__Exercise details__
Reproduce the section of the listing that begins at the line containing "#200=CYLINDRICAL_SURFACE('',#199,0.4346);" and finishes at the line containing "#223=EDGE_CURVE('',#203,#212,#222,.T.);". Include both end lines and nothing beyond them.

__Data to examine__
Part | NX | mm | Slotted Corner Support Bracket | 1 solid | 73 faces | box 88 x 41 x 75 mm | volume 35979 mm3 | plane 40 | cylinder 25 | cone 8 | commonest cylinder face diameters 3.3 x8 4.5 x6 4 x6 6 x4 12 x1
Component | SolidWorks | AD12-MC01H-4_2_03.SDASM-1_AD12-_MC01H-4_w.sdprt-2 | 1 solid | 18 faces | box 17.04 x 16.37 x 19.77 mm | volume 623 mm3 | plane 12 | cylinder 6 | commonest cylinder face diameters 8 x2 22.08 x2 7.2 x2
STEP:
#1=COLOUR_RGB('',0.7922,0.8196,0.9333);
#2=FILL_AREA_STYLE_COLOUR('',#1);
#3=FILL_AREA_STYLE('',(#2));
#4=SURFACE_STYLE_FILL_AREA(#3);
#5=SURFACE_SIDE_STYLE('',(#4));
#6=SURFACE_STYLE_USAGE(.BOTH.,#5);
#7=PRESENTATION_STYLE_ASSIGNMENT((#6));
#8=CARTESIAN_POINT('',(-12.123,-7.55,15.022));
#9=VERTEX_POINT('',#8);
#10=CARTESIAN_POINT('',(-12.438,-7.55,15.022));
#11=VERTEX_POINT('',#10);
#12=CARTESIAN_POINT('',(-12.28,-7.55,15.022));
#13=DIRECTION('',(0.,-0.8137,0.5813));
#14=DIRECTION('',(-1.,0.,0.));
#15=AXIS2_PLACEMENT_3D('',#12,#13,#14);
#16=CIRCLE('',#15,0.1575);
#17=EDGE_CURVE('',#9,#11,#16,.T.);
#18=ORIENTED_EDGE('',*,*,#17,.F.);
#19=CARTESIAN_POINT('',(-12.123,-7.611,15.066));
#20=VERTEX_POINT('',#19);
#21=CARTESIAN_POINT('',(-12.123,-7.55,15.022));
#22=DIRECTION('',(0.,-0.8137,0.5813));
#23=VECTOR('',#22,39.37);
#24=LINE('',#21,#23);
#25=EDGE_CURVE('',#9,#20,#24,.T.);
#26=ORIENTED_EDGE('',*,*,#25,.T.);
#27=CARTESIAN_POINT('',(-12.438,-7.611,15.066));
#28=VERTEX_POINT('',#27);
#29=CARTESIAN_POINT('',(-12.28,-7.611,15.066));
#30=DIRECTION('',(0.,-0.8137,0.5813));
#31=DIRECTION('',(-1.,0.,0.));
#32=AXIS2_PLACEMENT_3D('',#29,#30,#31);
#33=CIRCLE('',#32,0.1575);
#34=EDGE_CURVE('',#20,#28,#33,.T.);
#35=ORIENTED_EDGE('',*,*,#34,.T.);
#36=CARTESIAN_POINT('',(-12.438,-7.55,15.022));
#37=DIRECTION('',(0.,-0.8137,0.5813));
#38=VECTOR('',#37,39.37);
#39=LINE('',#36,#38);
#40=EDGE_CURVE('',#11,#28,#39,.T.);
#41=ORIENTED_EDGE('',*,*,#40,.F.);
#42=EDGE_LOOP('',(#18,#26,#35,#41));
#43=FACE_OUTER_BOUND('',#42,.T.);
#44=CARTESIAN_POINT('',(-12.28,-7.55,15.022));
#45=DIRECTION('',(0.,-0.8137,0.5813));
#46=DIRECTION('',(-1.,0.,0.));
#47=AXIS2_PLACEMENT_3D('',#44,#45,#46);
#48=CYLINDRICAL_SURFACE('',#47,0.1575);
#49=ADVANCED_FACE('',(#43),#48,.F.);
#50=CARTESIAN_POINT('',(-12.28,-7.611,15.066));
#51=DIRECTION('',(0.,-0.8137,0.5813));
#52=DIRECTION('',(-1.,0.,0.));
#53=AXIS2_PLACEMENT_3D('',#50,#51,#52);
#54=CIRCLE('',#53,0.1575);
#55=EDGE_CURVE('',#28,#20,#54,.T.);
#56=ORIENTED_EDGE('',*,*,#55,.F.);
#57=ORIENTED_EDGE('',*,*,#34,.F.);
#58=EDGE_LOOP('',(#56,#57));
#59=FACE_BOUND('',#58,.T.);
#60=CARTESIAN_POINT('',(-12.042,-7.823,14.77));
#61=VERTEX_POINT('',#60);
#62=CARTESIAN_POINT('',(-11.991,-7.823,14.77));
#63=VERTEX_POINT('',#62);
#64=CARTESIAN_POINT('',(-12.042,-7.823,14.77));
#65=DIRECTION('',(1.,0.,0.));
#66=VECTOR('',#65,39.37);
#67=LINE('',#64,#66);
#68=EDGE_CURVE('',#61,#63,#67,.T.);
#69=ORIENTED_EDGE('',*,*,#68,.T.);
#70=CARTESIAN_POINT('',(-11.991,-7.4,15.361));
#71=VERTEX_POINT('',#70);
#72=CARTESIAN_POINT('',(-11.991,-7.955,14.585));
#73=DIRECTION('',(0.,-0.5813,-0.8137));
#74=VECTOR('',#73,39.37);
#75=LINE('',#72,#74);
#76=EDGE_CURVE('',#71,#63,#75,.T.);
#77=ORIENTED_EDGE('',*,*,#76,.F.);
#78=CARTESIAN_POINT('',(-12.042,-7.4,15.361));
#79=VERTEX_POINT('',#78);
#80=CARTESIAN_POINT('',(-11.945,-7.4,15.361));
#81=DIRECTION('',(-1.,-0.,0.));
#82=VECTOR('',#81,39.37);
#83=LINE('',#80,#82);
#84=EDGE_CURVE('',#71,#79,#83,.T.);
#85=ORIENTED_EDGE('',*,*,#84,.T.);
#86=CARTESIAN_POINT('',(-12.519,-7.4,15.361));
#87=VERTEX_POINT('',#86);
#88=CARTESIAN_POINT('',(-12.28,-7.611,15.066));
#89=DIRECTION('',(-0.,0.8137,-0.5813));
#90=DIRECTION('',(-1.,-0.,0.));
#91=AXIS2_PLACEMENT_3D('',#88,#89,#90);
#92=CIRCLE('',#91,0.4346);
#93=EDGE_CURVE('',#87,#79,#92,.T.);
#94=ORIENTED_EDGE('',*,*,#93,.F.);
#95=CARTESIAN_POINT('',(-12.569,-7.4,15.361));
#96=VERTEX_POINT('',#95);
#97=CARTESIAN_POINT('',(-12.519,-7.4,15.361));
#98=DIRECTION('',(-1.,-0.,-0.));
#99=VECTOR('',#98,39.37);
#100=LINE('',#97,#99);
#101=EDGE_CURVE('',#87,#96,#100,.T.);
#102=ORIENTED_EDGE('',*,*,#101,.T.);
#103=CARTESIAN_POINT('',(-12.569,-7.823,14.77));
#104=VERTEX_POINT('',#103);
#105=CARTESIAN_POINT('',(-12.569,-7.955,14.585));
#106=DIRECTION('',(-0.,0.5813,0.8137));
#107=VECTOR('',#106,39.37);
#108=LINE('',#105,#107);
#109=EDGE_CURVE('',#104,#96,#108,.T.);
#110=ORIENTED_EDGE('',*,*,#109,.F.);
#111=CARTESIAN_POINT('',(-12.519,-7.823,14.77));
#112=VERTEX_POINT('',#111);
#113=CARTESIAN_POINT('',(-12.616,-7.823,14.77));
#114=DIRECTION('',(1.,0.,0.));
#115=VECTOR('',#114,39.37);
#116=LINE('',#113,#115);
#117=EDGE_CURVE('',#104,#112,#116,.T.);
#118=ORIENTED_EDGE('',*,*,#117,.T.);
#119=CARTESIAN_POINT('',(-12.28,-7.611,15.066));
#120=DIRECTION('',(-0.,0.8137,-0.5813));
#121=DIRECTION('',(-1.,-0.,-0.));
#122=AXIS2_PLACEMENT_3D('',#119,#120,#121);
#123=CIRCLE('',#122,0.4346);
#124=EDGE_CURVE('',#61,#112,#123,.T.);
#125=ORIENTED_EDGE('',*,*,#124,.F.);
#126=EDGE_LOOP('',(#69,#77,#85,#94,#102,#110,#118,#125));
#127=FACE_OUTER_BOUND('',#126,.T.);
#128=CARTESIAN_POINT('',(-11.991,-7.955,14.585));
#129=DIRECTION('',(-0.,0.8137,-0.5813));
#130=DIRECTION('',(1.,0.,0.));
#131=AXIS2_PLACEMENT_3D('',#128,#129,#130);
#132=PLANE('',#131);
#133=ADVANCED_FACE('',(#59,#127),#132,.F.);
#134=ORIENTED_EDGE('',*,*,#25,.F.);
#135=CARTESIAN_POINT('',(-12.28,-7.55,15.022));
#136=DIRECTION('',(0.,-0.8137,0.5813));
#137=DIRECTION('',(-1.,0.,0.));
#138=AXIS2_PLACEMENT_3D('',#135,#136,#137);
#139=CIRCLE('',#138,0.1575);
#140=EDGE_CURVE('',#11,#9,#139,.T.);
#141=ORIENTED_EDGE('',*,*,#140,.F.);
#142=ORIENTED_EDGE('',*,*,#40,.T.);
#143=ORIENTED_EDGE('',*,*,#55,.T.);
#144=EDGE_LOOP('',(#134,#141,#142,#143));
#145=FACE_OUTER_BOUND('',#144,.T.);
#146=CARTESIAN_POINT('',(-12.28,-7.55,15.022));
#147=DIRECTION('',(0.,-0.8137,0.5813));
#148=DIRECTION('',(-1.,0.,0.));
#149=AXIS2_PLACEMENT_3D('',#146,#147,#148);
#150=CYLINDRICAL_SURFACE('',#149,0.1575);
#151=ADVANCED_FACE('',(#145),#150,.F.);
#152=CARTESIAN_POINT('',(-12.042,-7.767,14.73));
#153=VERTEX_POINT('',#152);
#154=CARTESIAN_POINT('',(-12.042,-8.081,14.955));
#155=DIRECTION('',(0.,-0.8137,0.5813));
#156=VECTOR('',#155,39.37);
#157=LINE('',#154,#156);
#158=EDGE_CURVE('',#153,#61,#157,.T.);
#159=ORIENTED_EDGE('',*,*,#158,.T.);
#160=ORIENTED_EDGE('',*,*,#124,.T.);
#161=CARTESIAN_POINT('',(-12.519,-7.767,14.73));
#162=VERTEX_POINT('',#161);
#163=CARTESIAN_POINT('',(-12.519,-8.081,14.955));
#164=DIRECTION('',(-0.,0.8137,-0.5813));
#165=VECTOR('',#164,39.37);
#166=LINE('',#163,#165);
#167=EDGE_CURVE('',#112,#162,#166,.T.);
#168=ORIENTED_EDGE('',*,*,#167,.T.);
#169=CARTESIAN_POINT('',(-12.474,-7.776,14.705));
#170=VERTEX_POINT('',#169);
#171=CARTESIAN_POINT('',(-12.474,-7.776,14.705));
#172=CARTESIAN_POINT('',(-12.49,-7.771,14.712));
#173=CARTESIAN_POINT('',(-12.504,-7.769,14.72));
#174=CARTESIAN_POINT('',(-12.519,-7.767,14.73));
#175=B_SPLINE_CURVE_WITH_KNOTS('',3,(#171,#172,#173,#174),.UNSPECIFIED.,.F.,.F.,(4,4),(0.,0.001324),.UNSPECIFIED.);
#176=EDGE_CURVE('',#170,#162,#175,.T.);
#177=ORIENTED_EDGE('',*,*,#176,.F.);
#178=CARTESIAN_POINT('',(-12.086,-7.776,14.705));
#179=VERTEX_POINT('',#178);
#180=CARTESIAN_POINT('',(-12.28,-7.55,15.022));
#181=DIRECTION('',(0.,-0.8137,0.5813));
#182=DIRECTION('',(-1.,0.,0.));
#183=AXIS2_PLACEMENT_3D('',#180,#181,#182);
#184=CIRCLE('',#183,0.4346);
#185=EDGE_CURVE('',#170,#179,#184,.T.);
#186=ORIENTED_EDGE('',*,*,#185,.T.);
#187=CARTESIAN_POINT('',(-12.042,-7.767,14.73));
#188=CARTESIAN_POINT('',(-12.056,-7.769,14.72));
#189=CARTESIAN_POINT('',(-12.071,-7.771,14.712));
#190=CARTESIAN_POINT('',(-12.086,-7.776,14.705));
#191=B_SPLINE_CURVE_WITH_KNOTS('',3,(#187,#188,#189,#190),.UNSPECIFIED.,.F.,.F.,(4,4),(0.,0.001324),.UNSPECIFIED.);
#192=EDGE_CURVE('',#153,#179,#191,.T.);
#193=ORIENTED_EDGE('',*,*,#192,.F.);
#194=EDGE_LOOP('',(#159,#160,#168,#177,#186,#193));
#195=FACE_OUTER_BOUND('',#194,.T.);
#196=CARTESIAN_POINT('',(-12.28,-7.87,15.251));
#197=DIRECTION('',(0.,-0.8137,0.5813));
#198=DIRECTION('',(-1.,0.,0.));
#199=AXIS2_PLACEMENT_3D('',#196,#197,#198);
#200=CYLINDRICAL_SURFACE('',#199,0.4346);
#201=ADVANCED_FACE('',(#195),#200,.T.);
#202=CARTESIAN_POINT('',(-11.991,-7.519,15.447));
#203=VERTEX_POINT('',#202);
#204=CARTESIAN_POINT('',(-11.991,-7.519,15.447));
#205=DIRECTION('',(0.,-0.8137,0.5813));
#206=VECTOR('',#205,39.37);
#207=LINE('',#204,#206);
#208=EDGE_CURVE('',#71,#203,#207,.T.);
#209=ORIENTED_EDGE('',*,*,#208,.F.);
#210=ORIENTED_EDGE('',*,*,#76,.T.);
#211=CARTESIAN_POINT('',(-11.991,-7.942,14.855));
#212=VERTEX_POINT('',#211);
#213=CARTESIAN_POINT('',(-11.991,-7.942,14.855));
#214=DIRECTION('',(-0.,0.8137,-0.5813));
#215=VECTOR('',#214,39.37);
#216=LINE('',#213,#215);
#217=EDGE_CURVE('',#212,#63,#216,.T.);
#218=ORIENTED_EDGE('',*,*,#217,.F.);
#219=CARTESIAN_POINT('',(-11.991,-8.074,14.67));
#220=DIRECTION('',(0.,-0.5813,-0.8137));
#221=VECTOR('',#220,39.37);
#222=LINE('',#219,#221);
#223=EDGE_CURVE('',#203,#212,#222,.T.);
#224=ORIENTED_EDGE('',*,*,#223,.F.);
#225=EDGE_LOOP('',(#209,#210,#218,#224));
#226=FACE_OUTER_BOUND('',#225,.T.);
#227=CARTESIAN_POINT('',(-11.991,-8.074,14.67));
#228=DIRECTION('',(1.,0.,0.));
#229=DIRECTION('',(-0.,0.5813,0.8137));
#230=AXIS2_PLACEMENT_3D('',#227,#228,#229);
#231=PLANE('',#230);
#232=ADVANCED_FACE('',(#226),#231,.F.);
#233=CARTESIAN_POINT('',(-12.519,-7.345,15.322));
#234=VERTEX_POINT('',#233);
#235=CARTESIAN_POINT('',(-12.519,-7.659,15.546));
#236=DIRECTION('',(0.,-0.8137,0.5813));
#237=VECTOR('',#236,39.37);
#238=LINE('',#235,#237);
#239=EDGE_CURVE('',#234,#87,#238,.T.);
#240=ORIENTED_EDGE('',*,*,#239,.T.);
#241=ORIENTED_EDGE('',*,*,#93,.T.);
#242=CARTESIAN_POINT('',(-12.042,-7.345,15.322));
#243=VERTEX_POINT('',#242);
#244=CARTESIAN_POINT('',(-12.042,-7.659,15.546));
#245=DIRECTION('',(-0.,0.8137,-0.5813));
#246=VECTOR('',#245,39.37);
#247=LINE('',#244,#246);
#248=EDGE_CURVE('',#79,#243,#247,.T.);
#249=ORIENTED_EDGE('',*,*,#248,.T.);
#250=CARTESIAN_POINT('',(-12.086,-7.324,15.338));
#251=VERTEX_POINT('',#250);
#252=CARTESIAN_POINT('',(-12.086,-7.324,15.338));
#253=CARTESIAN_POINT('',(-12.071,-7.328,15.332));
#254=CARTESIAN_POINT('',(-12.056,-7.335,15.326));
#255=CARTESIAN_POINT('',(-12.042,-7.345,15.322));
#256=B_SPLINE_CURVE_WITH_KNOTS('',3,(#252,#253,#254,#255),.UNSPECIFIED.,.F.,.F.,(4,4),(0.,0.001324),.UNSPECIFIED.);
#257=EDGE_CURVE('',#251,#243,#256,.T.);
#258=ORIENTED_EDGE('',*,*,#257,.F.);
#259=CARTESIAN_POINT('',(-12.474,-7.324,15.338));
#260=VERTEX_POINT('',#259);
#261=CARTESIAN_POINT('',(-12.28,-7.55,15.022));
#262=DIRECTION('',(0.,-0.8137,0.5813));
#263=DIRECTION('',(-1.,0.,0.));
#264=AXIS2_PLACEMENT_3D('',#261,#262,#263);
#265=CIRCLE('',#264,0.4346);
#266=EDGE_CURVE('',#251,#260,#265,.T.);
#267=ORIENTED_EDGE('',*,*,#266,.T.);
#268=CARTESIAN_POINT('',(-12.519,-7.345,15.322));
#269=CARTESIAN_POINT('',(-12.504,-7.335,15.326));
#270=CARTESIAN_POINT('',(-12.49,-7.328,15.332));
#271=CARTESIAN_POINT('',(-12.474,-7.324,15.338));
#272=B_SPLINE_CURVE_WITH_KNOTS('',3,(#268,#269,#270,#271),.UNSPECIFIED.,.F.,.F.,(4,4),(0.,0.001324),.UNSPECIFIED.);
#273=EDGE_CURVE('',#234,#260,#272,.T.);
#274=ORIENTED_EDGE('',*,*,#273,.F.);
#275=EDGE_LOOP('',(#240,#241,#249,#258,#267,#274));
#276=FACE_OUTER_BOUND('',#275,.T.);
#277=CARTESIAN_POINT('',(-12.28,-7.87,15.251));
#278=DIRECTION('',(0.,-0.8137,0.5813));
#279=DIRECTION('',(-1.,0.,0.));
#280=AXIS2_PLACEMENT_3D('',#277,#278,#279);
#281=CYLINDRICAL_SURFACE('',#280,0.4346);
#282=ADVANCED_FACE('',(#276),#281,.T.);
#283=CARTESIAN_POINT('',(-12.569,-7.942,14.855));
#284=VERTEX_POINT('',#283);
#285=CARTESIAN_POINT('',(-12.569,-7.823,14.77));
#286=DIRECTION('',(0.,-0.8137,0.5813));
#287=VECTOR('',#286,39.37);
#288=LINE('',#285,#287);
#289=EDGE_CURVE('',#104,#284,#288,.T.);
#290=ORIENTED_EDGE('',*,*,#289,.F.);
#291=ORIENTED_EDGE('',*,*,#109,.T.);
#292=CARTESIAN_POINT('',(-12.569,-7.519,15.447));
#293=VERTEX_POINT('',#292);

__Solution for this task__
#200=CYLINDRICAL_SURFACE('',#199,0.4346);
#201=ADVANCED_FACE('',(#195),#200,.T.);
#202=CARTESIAN_POINT('',(-11.991,-7.519,15.447));
#203=VERTEX_POINT('',#202);
#204=CARTESIAN_POINT('',(-11.991,-7.519,15.447));
#205=DIRECTION('',(0.,-0.8137,0.5813));
#206=VECTOR('',#205,39.37);
#207=LINE('',#204,#206);
#208=EDGE_CURVE('',#71,#203,#207,.T.);
#209=ORIENTED_EDGE('',*,*,#208,.F.);
#210=ORIENTED_EDGE('',*,*,#76,.T.);
#211=CARTESIAN_POINT('',(-11.991,-7.942,14.855));
#212=VERTEX_POINT('',#211);
#213=CARTESIAN_POINT('',(-11.991,-7.942,14.855));
#214=DIRECTION('',(-0.,0.8137,-0.5813));
#215=VECTOR('',#214,39.37);
#216=LINE('',#213,#215);
#217=EDGE_CURVE('',#212,#63,#216,.T.);
#218=ORIENTED_EDGE('',*,*,#217,.F.);
#219=CARTESIAN_POINT('',(-11.991,-8.074,14.67));
#220=DIRECTION('',(0.,-0.5813,-0.8137));
#221=VECTOR('',#220,39.37);
#222=LINE('',#219,#221);
#223=EDGE_CURVE('',#203,#212,#222,.T.);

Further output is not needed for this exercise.